What is being asked: Below are records that hold pictures; write out only the lines from their start through the line with "p5 = place(p4, frame((4.25, 0.0, 0.0)))", exactly, and drop the pictures.

----- Data records

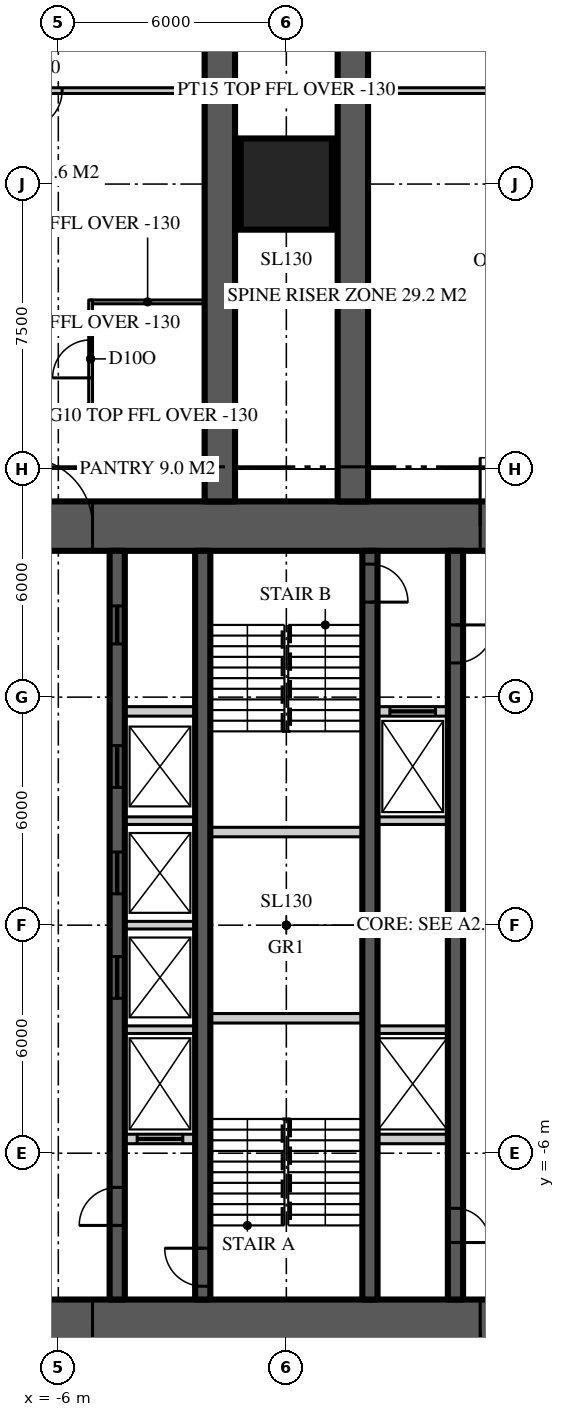
"""IFC4 building model, lengths in metres.
Left out: names, types, materials, properties, quantities, classifications, styles, units other than length and angle.
Written with IfcOpenShell. Run it as: python <this file> out.ifc"""

import sys

from ifc_helpers import new_model, si_unit, direction, frame, frame_2d, origin, origin_2d, place, context, subcontext, project, spatial, rectangle, extrude, element, fill, save


model = new_model("IFC4")
c1 = context("Model", 3, precision=1e-05, world=origin(), true_north=direction((0.0, 1.0)))
c2 = subcontext(c1, "Body", "Model", "MODEL_VIEW")
j1 = project(units=[si_unit("LENGTHUNIT", "METRE"), si_unit("PLANEANGLEUNIT", "RADIAN")], contexts=[c1])
p1 = place(None, origin())
s1 = spatial("IfcSite", under=j1, at=p1, CompositionType="ELEMENT")
p2 = place(p1, origin())
s2 = spatial("IfcBuilding", under=s1, at=p2, CompositionType="ELEMENT")
p3 = place(p2, frame((0.0, 0.0, 159.3)))
s3 = spatial("IfcBuildingStorey", under=s2, at=p3, CompositionType="ELEMENT", Elevation=159.3)
p4 = place(p3, frame((-11.15, 10.5, 0.0), z_axis=(0.0, 0.0, 1.0), x_axis=(1.0, 0.0, 0.0)))
e1 = element("IfcWall", 1, at=p4, inside=s3, PredefinedType="SHEAR", context=c2, shape_type="SweptSolid", body=[
    extrude(rectangle(XDim=22.3, YDim=1.3, at=frame_2d((11.15, 0.0))), origin(), (0.0, 0.0, 1.0), 3.9),
])
p5 = place(p4, frame((4.25, 0.0, 0.0)))
e2 = element("IfcOpeningElement", 2, at=p5, cuts=e1, PredefinedType="OPENING", context=c2, shape_type="SweptSolid", body=[
    extrude(rectangle(XDim=1.8, YDim=2.2, at=frame_2d((0.9, 1.1))), frame((0.0, 0.66, 0.0), z_axis=(0.0, -1.0, 0.0), x_axis=(1.0, 0.0, 0.0)), (0.0, 0.0, 1.0), 1.32),
])
p6 = place(p4, frame((16.25, 0.0, 0.0)))
e3 = element("IfcOpeningElement", 3, at=p6, cuts=e1, PredefinedType="OPENING", context=c2, shape_type="SweptSolid", body=[
    extrude(rectangle(XDim=1.8, YDim=2.2, at=frame_2d((0.9, 1.1))), frame((0.0, 0.66, 0.0), z_axis=(0.0, -1.0, 0.0), x_axis=(1.0, 0.0, 0.0)), (0.0, 0.0, 1.0), 1.32),
])
p7 = place(p3, frame((11.15, -10.5, 0.0), z_axis=(0.0, 0.0, 1.0), x_axis=(-1.0, 0.0, 0.0)))
e4 = element("IfcWall", 4, at=p7, inside=s3, PredefinedType="SHEAR", context=c2, shape_type="SweptSolid", body=[
    extrude(rectangle(XDim=22.3, YDim=1.3, at=frame_2d((11.15, 0.0))), origin(), (0.0, 0.0, 1.0), 3.9),
])
p8 = place(p7, frame((16.25, 0.0, 0.0)))
e5 = element("IfcOpeningElement", 5, at=p8, cuts=e4, PredefinedType="OPENING", context=c2, shape_type="SweptSolid", body=[
    extrude(rectangle(XDim=1.8, YDim=2.2, at=frame_2d((0.9, 1.1))), frame((0.0, 0.66, 0.0), z_axis=(0.0, -1.0, 0.0), x_axis=(1.0, 0.0, 0.0)), (0.0, 0.0, 1.0), 1.32),
])
p9 = place(p7, frame((4.25, 0.0, 0.0)))
e6 = element("IfcOpeningElement", 6, at=p9, cuts=e4, PredefinedType="OPENING", context=c2, shape_type="SweptSolid", body=[
    extrude(rectangle(XDim=1.8, YDim=2.2, at=frame_2d((0.9, 1.1))), frame((0.0, 0.66, 0.0), z_axis=(0.0, -1.0, 0.0), x_axis=(1.0, 0.0, 0.0)), (0.0, 0.0, 1.0), 1.32),
])
for number, where, z_axis, x_axis in (
    (7, (1.75, 11.15, 0.0), (0.0, 0.0, 1.0), (0.0, 1.0, 0.0)),
    (8, (-1.75, 11.15, 0.0), (0.0, 0.0, 1.0), (0.0, 1.0, 0.0)),
):
    element("IfcWall", number, at=place(p3, frame(where, z_axis=z_axis, x_axis=x_axis)), inside=s3, PredefinedType="SHEAR", context=c2, shape_type="SweptSolid", body=[
        extrude(rectangle(XDim=15.25, YDim=0.8, at=frame_2d((7.625, 0.0))), origin(), (0.0, 0.0, 1.0), 3.9),
    ])
p10 = place(p3, frame((0.0, 19.5, 0.0), z_axis=(0.0, 0.0, 1.0), x_axis=(1.0, 0.0, 0.0)))
e9 = element("IfcColumn", 9, at=p10, inside=s3, PredefinedType="COLUMN", context=c2, shape_type="SweptSolid", body=[
    extrude(rectangle(XDim=2.4, YDim=2.4, at=origin_2d()), origin(), (0.0, 0.0, 1.0), 3.9),
])
p11 = place(p3, frame((-4.45, -9.85, 0.0), z_axis=(0.0, 0.0, 1.0), x_axis=(0.0, 1.0, 0.0)))
e10 = element("IfcWall", 10, at=p11, inside=s3, PredefinedType="SHEAR", context=c2, shape_type="SweptSolid", body=[
    extrude(rectangle(XDim=19.7, YDim=0.4, at=frame_2d((9.85, 0.0))), origin(), (0.0, 0.0, 1.0), 3.9),
])
p12 = place(p11, frame((1.95, 0.0, 0.0)))
e11 = element("IfcOpeningElement", 11, at=p12, cuts=e10, PredefinedType="OPENING", context=c2, shape_type="SweptSolid", body=[
    extrude(rectangle(XDim=1.0, YDim=2.2, at=frame_2d((0.5, 1.1))), frame((0.0, 0.21, 0.0), z_axis=(0.0, -1.0, 0.0), x_axis=(1.0, 0.0, 0.0)), (0.0, 0.0, 1.0), 0.42),
])
p13 = place(p11, frame((17.25, 0.0, 0.0)))
e12 = element("IfcOpeningElement", 12, at=p13, cuts=e10, PredefinedType="OPENING", context=c2, shape_type="SweptSolid", body=[
    extrude(rectangle(XDim=1.0, YDim=2.1, at=frame_2d((0.5, 1.05))), frame((0.0, 0.21, 0.0), z_axis=(0.0, -1.0, 0.0), x_axis=(1.0, 0.0, 0.0)), (0.0, 0.0, 1.0), 0.42),
])
p14 = place(p11, frame((7.925, 0.0, 0.0)))
e13 = element("IfcOpeningElement", 13, at=p14, cuts=e10, PredefinedType="OPENING", context=c2, shape_type="SweptSolid", body=[
    extrude(rectangle(XDim=1.1, YDim=2.2, at=frame_2d((0.55, 1.1))), frame((0.0, 0.21, 0.0), z_axis=(0.0, -1.0, 0.0), x_axis=(1.0, 0.0, 0.0)), (0.0, 0.0, 1.0), 0.42),
])
p15 = place(p11, frame((10.675, 0.0, 0.0)))
e14 = element("IfcOpeningElement", 14, at=p15, cuts=e10, PredefinedType="OPENING", context=c2, shape_type="SweptSolid", body=[
    extrude(rectangle(XDim=1.1, YDim=2.2, at=frame_2d((0.55, 1.1))), frame((0.0, 0.21, 0.0), z_axis=(0.0, -1.0, 0.0), x_axis=(1.0, 0.0, 0.0)), (0.0, 0.0, 1.0), 0.42),
])
p16 = place(p11, frame((13.475, 0.0, 0.0)))
e15 = element("IfcOpeningElement", 15, at=p16, cuts=e10, PredefinedType="OPENING", context=c2, shape_type="SweptSolid", body=[
    extrude(rectangle(XDim=1.1, YDim=2.2, at=frame_2d((0.55, 1.1))), frame((0.0, 0.21, 0.0), z_axis=(0.0, -1.0, 0.0), x_axis=(1.0, 0.0, 0.0)), (0.0, 0.0, 1.0), 0.42),
])
p17 = place(p3, frame((4.45, 9.85, 0.0), z_axis=(0.0, 0.0, 1.0), x_axis=(0.0, -1.0, 0.0)))
e16 = element("IfcWall", 16, at=p17, inside=s3, PredefinedType="SHEAR", context=c2, shape_type="SweptSolid", body=[
    extrude(rectangle(XDim=19.7, YDim=0.4, at=frame_2d((9.85, 0.0))), origin(), (0.0, 0.0, 1.0), 3.9),
])
p18 = place(p17, frame((1.95, 0.0, 0.0)))
e17 = element("IfcOpeningElement", 17, at=p18, cuts=e16, PredefinedType="OPENING", context=c2, shape_type="SweptSolid", body=[
    extrude(rectangle(XDim=1.0, YDim=2.2, at=frame_2d((0.5, 1.1))), frame((0.0, 0.21, 0.0), z_axis=(0.0, -1.0, 0.0), x_axis=(1.0, 0.0, 0.0)), (0.0, 0.0, 1.0), 0.42),
])
p19 = place(p17, frame((17.3, 0.0, 0.0)))
e18 = element("IfcOpeningElement", 18, at=p19, cuts=e16, PredefinedType="OPENING", context=c2, shape_type="SweptSolid", body=[
    extrude(rectangle(XDim=0.9, YDim=2.1, at=frame_2d((0.45, 1.05))), frame((0.0, 0.21, 0.0), z_axis=(0.0, -1.0, 0.0), x_axis=(1.0, 0.0, 0.0)), (0.0, 0.0, 1.0), 0.42),
])
p20 = place(p3, frame((-2.2, -9.85, 0.0), z_axis=(0.0, 0.0, 1.0), x_axis=(0.0, 1.0, 0.0)))
e19 = element("IfcWall", 19, at=p20, inside=s3, PredefinedType="SHEAR", context=c2, shape_type="SweptSolid", body=[
    extrude(rectangle(XDim=19.7, YDim=0.4, at=frame_2d((9.85, 0.0))), origin(), (0.0, 0.0, 1.0), 3.9),
])
p21 = place(p20, frame((0.35, 0.0, 0.0)))
e20 = element("IfcOpeningElement", 20, at=p21, cuts=e19, PredefinedType="OPENING", context=c2, shape_type="SweptSolid", body=[
    extrude(rectangle(XDim=1.0, YDim=2.2, at=frame_2d((0.5, 1.1))), frame((0.0, 0.21, 0.0), z_axis=(0.0, -1.0, 0.0), x_axis=(1.0, 0.0, 0.0)), (0.0, 0.0, 1.0), 0.42),
])
p22 = place(p3, frame((2.2, 9.85, 0.0), z_axis=(0.0, 0.0, 1.0), x_axis=(0.0, -1.0, 0.0)))
e21 = element("IfcWall", 21, at=p22, inside=s3, PredefinedType="SHEAR", context=c2, shape_type="SweptSolid", body=[
    extrude(rectangle(XDim=19.7, YDim=0.4, at=frame_2d((9.85, 0.0))), origin(), (0.0, 0.0, 1.0), 3.9),
])
p23 = place(p22, frame((0.35, 0.0, 0.0)))
e22 = element("IfcOpeningElement", 22, at=p23, cuts=e21, PredefinedType="OPENING", context=c2, shape_type="SweptSolid", body=[
    extrude(rectangle(XDim=1.0, YDim=2.2, at=frame_2d((0.5, 1.1))), frame((0.0, 0.21, 0.0), z_axis=(0.0, -1.0, 0.0), x_axis=(1.0, 0.0, 0.0)), (0.0, 0.0, 1.0), 0.42),
])
p24 = place(p3, frame((-4.25, 5.625, 0.0), z_axis=(0.0, 0.0, 1.0), x_axis=(1.0, 0.0, 0.0)))
e23 = element("IfcWall", 23, at=p24, inside=s3, PredefinedType="SOLIDWALL", context=c2, shape_type="SweptSolid", body=[
    extrude(rectangle(XDim=1.85, YDim=0.25, at=frame_2d((0.925, 0.0))), origin(), (0.0, 0.0, 1.0), 3.7),
])
p25 = place(p3, frame((2.4, 5.625, 0.0), z_axis=(0.0, 0.0, 1.0), x_axis=(1.0, 0.0, 0.0)))
e24 = element("IfcWall", 24, at=p25, inside=s3, PredefinedType="SOLIDWALL", context=c2, shape_type="SweptSolid", body=[
    extrude(rectangle(XDim=1.85, YDim=0.25, at=frame_2d((0.925, 0.0))), origin(), (0.0, 0.0, 1.0), 3.7),
])
p26 = place(p25, frame((0.325, 0.0, 0.0)))
e25 = element("IfcOpeningElement", 25, at=p26, cuts=e24, PredefinedType="OPENING", context=c2, shape_type="SweptSolid", body=[
    extrude(rectangle(XDim=1.2, YDim=2.2, at=frame_2d((0.6, 1.1))), frame((0.0, 0.135, 0.0), z_axis=(0.0, -1.0, 0.0), x_axis=(1.0, 0.0, 0.0)), (0.0, 0.0, 1.0), 0.27),
])
p27 = place(p3, frame((-4.25, -5.625, 0.0), z_axis=(0.0, 0.0, 1.0), x_axis=(1.0, 0.0, 0.0)))
e26 = element("IfcWall", 26, at=p27, inside=s3, PredefinedType="SOLIDWALL", context=c2, shape_type="SweptSolid", body=[
    extrude(rectangle(XDim=1.85, YDim=0.25, at=frame_2d((0.925, 0.0))), origin(), (0.0, 0.0, 1.0), 3.7),
])
p28 = place(p27, frame((0.325, 0.0, 0.0)))
e27 = element("IfcOpeningElement", 27, at=p28, cuts=e26, PredefinedType="OPENING", context=c2, shape_type="SweptSolid", body=[
    extrude(rectangle(XDim=1.2, YDim=2.2, at=frame_2d((0.6, 1.1))), frame((0.0, 0.135, 0.0), z_axis=(0.0, -1.0, 0.0), x_axis=(1.0, 0.0, 0.0)), (0.0, 0.0, 1.0), 0.27),
])
p29 = place(p3, frame((2.4, -5.625, 0.0), z_axis=(0.0, 0.0, 1.0), x_axis=(1.0, 0.0, 0.0)))
e28 = element("IfcWall", 28, at=p29, inside=s3, PredefinedType="SOLIDWALL", context=c2, shape_type="SweptSolid", body=[
    extrude(rectangle(XDim=1.85, YDim=0.25, at=frame_2d((0.925, 0.0))), origin(), (0.0, 0.0, 1.0), 3.7),
])
for number, where, z_axis, x_axis in (
    (29, (-2.0, -2.45, 0.0), (0.0, 0.0, 1.0), (1.0, 0.0, 0.0)),
    (30, (-2.0, 2.45, 0.0), (0.0, 0.0, 1.0), (1.0, 0.0, 0.0)),
):
    element("IfcWall", number, at=place(p3, frame(where, z_axis=z_axis, x_axis=x_axis)), inside=s3, PredefinedType="SOLIDWALL", context=c2, shape_type="SweptSolid", body=[
        extrude(rectangle(XDim=4.0, YDim=0.25, at=frame_2d((2.0, 0.0))), origin(), (0.0, 0.0, 1.0), 3.7),
    ])
for number, where, z_axis, x_axis in (
    (31, (-4.25, -2.75, 0.0), (0.0, 0.0, 1.0), (1.0, 0.0, 0.0)),
    (32, (2.4, -2.75, 0.0), (0.0, 0.0, 1.0), (1.0, 0.0, 0.0)),
    (33, (-4.25, 0.0, 0.0), (0.0, 0.0, 1.0), (1.0, 0.0, 0.0)),
    (34, (-4.25, 2.75, 0.0), (0.0, 0.0, 1.0), (1.0, 0.0, 0.0)),
    (35, (2.4, 2.75, 0.0), (0.0, 0.0, 1.0), (1.0, 0.0, 0.0)),
):
    element("IfcWall", number, at=place(p3, frame(where, z_axis=z_axis, x_axis=x_axis)), inside=s3, PredefinedType="SOLIDWALL", context=c2, shape_type="SweptSolid", body=[
        extrude(rectangle(XDim=1.85, YDim=0.2, at=frame_2d((0.925, 0.0))), origin(), (0.0, 0.0, 1.0), 3.7),
    ])
p30 = place(p3, frame((12.786, 21.959, 0.0), z_axis=(0.0, 0.0, 1.0), x_axis=(-1.0, 0.0, 0.0)))
e36 = element("IfcWall", 36, at=p30, inside=s3, PredefinedType="PARTITIONING", context=c2, shape_type="SweptSolid", body=[
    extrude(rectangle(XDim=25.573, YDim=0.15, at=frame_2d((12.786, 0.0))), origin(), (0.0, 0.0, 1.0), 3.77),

----------

Exercise answer:
"""IFC4 building model, lengths in metres.
Left out: names, types, materials, properties, quantities, classifications, styles, units other than length and angle.
Written with IfcOpenShell. Run it as: python <this file> out.ifc"""

import sys

from ifc_helpers import new_model, si_unit, direction, frame, frame_2d, origin, origin_2d, place, context, subcontext, project, spatial, rectangle, extrude, element, fill, save


model = new_model("IFC4")
c1 = context("Model", 3, precision=1e-05, world=origin(), true_north=direction((0.0, 1.0)))
c2 = subcontext(c1, "Body", "Model", "MODEL_VIEW")
j1 = project(units=[si_unit("LENGTHUNIT", "METRE"), si_unit("PLANEANGLEUNIT", "RADIAN")], contexts=[c1])
p1 = place(None, origin())
s1 = spatial("IfcSite", under=j1, at=p1, CompositionType="ELEMENT")
p2 = place(p1, origin())
s2 = spatial("IfcBuilding", under=s1, at=p2, CompositionType="ELEMENT")
p3 = place(p2, frame((0.0, 0.0, 159.3)))
s3 = spatial("IfcBuildingStorey", under=s2, at=p3, CompositionType="ELEMENT", Elevation=159.3)
p4 = place(p3, frame((-11.15, 10.5, 0.0), z_axis=(0.0, 0.0, 1.0), x_axis=(1.0, 0.0, 0.0)))
e1 = element("IfcWall", 1, at=p4, inside=s3, PredefinedType="SHEAR", context=c2, shape_type="SweptSolid", body=[
    extrude(rectangle(XDim=22.3, YDim=1.3, at=frame_2d((11.15, 0.0))), origin(), (0.0, 0.0, 1.0), 3.9),
])
p5 = place(p4, frame((4.25, 0.0, 0.0)))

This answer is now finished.